> [Action item]: Go through the entries, filter for the word "under", and copy every line that has it.

(Stored dataset items)
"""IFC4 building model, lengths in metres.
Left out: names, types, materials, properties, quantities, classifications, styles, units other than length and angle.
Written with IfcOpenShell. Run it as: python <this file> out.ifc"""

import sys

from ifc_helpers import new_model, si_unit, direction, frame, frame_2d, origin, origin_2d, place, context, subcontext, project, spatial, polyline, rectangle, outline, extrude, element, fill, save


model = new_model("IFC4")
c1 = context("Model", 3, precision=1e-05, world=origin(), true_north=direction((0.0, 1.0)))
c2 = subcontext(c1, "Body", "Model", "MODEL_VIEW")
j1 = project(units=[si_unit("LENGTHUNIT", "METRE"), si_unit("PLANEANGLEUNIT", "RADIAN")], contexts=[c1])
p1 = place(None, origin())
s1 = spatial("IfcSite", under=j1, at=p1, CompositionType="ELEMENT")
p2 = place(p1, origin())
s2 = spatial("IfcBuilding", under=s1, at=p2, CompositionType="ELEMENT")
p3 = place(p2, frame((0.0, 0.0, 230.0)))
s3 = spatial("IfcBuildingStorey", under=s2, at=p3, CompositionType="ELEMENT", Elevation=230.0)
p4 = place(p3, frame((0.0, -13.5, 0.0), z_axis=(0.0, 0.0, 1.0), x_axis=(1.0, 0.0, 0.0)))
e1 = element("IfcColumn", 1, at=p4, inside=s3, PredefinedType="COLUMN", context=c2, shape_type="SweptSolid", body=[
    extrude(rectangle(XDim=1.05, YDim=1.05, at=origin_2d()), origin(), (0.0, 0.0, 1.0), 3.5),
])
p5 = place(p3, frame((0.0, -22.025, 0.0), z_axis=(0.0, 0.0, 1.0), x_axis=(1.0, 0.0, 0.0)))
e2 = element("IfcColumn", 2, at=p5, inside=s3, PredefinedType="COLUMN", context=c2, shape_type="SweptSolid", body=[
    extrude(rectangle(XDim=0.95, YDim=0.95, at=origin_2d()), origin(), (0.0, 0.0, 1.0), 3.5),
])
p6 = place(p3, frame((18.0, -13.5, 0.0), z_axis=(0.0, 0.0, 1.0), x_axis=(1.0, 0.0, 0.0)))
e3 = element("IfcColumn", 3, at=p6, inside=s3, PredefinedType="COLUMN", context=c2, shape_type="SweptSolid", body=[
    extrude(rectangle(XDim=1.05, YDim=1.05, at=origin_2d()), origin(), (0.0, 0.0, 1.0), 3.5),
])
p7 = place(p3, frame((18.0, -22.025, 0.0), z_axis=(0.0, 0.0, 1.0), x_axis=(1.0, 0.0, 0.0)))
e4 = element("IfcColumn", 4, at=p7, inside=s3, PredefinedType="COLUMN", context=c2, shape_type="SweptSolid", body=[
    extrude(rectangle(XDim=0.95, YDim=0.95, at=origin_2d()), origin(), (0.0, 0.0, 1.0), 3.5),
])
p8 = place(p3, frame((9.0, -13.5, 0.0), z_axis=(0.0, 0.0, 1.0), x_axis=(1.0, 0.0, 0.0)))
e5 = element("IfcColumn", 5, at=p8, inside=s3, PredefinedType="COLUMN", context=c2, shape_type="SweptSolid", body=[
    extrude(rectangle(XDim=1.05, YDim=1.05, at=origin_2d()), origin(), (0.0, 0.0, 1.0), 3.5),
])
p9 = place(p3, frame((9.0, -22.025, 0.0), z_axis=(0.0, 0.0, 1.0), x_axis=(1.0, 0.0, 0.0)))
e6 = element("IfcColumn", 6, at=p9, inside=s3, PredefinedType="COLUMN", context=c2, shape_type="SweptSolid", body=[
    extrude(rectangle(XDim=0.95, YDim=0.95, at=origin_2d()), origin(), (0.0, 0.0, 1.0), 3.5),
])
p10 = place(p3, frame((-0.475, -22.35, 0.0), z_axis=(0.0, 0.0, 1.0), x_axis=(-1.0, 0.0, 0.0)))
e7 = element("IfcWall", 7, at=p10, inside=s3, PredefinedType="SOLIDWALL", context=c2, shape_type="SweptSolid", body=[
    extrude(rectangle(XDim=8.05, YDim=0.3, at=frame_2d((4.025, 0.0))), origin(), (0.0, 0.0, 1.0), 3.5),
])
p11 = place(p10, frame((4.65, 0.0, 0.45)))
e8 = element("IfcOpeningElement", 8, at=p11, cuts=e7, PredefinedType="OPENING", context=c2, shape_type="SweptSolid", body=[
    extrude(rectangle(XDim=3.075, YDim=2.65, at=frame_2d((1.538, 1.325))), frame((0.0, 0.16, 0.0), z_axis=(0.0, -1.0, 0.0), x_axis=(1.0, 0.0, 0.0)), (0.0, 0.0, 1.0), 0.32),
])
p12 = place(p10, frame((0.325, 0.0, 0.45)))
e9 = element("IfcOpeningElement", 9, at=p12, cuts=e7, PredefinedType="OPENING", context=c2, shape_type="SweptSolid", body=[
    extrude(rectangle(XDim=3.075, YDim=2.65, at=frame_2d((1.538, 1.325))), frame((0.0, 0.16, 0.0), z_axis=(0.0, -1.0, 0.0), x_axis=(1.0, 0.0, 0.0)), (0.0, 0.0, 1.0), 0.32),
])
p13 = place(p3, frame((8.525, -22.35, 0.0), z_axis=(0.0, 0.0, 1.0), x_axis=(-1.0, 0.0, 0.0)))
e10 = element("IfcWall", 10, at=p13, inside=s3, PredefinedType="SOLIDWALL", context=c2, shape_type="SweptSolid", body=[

> [Solution]:
s1 = spatial("IfcSite", under=j1, at=p1, CompositionType="ELEMENT")
s2 = spatial("IfcBuilding", under=s1, at=p2, CompositionType="ELEMENT")
s3 = spatial("IfcBuildingStorey", under=s2, at=p3, CompositionType="ELEMENT", Elevation=230.0)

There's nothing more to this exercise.